## SUPPLIED INFORMATION:
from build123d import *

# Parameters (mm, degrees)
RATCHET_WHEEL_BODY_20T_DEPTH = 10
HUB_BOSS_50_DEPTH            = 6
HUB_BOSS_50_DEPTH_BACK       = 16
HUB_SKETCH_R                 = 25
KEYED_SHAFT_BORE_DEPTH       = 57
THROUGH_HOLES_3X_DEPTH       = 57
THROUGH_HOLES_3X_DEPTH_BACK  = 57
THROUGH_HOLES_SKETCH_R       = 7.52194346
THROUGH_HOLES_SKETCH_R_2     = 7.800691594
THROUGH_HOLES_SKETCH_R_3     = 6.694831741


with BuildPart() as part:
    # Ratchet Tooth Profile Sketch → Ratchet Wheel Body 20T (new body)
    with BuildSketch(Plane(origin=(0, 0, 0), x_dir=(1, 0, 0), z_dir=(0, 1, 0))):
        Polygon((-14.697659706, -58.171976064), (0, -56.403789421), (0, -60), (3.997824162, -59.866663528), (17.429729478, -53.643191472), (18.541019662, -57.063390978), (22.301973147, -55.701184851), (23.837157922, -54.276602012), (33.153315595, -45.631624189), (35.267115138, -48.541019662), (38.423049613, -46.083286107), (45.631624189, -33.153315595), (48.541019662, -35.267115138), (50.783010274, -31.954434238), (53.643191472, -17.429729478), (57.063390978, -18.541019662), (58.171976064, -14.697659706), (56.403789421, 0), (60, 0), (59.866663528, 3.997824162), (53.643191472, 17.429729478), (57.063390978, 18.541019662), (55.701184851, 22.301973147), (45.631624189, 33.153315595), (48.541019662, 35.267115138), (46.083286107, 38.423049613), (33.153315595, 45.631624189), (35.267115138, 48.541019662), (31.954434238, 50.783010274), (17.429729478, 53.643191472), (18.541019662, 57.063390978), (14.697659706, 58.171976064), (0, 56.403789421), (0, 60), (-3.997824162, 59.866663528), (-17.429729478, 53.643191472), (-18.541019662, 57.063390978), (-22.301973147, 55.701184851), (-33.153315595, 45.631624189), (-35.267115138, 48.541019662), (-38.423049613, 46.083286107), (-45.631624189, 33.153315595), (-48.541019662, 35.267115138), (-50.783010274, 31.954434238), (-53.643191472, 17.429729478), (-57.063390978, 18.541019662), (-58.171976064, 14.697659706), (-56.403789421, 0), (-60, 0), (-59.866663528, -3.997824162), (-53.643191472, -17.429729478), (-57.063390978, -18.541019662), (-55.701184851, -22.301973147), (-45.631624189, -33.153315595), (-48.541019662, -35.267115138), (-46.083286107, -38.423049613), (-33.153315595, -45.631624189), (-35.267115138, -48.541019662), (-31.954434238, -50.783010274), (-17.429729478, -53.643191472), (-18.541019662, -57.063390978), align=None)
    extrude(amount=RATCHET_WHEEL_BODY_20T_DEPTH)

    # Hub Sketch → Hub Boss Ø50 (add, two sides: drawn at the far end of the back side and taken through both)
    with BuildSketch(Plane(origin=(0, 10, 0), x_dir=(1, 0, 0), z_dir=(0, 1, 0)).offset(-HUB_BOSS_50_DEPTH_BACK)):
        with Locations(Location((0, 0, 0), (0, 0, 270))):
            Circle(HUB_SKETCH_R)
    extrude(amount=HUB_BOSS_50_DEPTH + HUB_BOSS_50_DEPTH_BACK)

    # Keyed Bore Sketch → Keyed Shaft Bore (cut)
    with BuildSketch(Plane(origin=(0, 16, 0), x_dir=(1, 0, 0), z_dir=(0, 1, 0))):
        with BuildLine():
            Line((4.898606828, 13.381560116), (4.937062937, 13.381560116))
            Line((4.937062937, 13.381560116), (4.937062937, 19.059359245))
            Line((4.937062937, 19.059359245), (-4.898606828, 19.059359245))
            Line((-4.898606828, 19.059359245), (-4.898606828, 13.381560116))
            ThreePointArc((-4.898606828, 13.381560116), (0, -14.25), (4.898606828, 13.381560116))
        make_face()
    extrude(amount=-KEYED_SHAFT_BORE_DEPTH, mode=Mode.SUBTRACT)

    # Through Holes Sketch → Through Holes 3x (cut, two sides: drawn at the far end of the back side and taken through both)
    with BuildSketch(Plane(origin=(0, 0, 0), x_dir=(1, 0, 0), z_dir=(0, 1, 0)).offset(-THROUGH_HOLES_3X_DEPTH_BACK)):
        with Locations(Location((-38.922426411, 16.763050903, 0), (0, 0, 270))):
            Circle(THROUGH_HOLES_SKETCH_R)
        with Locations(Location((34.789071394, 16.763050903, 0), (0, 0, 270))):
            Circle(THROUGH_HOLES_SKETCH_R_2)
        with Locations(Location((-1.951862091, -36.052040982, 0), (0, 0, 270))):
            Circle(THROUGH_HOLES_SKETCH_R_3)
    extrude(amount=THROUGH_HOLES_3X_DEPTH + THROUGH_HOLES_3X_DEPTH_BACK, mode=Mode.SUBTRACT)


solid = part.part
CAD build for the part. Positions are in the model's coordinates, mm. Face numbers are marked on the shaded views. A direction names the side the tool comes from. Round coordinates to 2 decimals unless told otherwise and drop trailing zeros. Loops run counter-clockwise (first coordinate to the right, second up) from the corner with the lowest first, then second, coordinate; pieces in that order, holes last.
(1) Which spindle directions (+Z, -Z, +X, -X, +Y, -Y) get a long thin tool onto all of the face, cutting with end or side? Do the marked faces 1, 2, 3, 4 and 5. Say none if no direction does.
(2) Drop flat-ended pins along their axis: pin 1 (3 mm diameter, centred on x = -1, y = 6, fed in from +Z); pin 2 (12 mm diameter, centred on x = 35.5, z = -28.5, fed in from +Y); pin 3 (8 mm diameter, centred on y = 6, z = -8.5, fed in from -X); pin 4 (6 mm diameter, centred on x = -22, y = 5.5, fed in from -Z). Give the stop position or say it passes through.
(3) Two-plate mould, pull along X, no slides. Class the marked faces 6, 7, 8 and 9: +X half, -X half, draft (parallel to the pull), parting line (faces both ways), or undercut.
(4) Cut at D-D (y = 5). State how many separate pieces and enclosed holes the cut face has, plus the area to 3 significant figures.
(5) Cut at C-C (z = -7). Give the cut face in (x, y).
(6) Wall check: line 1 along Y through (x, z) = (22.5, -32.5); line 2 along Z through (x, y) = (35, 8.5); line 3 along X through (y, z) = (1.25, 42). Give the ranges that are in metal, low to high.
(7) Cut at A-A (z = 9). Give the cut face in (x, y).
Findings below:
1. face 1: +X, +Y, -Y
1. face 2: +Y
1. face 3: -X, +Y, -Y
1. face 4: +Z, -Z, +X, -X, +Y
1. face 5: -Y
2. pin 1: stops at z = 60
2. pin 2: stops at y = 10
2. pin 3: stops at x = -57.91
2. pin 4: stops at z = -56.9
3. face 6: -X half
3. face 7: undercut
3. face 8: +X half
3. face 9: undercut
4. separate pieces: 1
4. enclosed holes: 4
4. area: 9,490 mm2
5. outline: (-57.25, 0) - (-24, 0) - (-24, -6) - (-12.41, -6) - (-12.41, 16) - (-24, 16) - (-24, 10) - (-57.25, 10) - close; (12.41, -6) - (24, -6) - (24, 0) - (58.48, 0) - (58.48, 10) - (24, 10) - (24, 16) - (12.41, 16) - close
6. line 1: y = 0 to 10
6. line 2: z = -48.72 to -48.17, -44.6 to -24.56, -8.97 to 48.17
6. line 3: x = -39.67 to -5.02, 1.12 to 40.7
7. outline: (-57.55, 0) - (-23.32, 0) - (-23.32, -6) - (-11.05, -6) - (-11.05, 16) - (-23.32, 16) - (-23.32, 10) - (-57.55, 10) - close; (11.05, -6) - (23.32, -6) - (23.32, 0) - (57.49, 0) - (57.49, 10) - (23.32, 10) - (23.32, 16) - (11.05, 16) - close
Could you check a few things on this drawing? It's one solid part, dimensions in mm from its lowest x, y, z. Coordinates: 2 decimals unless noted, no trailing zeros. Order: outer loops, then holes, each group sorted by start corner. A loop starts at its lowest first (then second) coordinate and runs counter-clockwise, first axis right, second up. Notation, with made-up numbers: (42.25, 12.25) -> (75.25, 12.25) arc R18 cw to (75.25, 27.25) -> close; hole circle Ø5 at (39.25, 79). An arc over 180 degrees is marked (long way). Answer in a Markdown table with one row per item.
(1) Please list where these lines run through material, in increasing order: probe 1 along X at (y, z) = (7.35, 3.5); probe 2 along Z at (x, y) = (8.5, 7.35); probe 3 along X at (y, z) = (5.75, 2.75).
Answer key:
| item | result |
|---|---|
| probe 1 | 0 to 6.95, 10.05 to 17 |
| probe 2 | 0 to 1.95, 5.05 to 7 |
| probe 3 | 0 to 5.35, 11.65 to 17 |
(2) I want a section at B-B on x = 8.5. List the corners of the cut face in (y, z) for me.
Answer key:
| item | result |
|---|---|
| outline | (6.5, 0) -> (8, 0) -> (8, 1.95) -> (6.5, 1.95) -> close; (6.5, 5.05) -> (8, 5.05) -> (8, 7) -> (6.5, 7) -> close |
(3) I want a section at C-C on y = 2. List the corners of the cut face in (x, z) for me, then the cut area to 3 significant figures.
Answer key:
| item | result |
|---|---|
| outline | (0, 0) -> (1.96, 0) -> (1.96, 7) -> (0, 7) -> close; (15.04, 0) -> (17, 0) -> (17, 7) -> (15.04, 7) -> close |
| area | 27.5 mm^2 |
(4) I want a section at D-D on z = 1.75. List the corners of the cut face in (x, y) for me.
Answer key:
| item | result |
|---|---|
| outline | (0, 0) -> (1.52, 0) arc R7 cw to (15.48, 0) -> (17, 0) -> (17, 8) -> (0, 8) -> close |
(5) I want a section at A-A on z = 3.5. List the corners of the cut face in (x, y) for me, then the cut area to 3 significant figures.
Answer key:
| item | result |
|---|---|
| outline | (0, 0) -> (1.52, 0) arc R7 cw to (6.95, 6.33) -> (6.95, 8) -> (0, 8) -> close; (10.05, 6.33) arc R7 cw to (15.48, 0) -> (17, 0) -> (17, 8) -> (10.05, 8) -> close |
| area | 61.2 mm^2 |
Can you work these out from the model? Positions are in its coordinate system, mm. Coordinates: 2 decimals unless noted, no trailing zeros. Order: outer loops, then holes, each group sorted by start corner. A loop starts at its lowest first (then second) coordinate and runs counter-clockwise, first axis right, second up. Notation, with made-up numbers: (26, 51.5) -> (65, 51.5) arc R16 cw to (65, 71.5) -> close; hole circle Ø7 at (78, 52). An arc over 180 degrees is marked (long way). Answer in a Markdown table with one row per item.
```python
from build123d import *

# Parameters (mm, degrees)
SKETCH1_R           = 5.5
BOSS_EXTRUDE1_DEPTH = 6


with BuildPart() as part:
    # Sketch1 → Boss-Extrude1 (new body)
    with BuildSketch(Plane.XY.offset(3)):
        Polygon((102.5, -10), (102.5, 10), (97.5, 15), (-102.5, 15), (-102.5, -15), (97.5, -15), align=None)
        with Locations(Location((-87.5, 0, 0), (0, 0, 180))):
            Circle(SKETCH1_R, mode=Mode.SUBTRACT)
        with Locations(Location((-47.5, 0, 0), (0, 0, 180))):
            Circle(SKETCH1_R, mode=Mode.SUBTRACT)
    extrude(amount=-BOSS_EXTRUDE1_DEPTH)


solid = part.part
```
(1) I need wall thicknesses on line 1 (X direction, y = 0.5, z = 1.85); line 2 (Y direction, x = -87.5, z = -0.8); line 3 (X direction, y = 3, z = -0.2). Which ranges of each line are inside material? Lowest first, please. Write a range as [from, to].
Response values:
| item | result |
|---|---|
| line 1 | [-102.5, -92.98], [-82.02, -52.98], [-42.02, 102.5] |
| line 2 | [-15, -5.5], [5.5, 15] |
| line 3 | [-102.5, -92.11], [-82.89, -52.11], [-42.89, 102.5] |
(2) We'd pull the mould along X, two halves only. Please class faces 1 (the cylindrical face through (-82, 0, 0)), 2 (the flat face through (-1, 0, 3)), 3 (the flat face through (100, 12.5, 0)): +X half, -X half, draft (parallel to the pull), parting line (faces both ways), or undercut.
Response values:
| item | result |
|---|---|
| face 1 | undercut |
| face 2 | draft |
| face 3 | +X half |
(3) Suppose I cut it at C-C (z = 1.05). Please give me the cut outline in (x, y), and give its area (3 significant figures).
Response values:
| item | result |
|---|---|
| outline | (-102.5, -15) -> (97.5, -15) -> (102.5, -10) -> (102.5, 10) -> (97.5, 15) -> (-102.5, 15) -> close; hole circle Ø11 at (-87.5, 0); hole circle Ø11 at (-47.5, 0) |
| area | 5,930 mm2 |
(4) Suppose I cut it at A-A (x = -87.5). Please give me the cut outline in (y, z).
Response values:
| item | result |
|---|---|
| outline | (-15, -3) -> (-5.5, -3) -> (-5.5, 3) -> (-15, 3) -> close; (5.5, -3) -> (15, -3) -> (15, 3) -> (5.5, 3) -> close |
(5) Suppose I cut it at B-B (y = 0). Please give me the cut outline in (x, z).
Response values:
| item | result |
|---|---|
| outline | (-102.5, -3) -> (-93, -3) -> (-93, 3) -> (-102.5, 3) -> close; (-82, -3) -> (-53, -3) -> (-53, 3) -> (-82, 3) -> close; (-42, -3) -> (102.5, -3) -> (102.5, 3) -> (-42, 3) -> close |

## EXERCISE BRIEF:
In the listing above, transcribe exactly everything from the line containing "4. enclosed holes: 4" down to the line containing "7. outline: (-57.55, 0)", including both and nothing more.

## OUTPUT:
4. enclosed holes: 4
4. area: 9,490 mm2
5. outline: (-57.25, 0) - (-24, 0) - (-24, -6) - (-12.41, -6) - (-12.41, 16) - (-24, 16) - (-24, 10) - (-57.25, 10) - close; (12.41, -6) - (24, -6) - (24, 0) - (58.48, 0) - (58.48, 10) - (24, 10) - (24, 16) - (12.41, 16) - close
6. line 1: y = 0 to 10
6. line 2: z = -48.72 to -48.17, -44.6 to -24.56, -8.97 to 48.17
6. line 3: x = -39.67 to -5.02, 1.12 to 40.7
7. outline: (-57.55, 0) - (-23.32, 0) - (-23.32, -6) - (-11.05, -6) - (-11.05, 16) - (-23.32, 16) - (-23.32, 10) - (-57.55, 10) - close; (11.05, -6) - (23.32, -6) - (23.32, 0) - (57.49, 0) - (57.49, 10) - (23.32, 10) - (23.32, 16) - (11.05, 16) - close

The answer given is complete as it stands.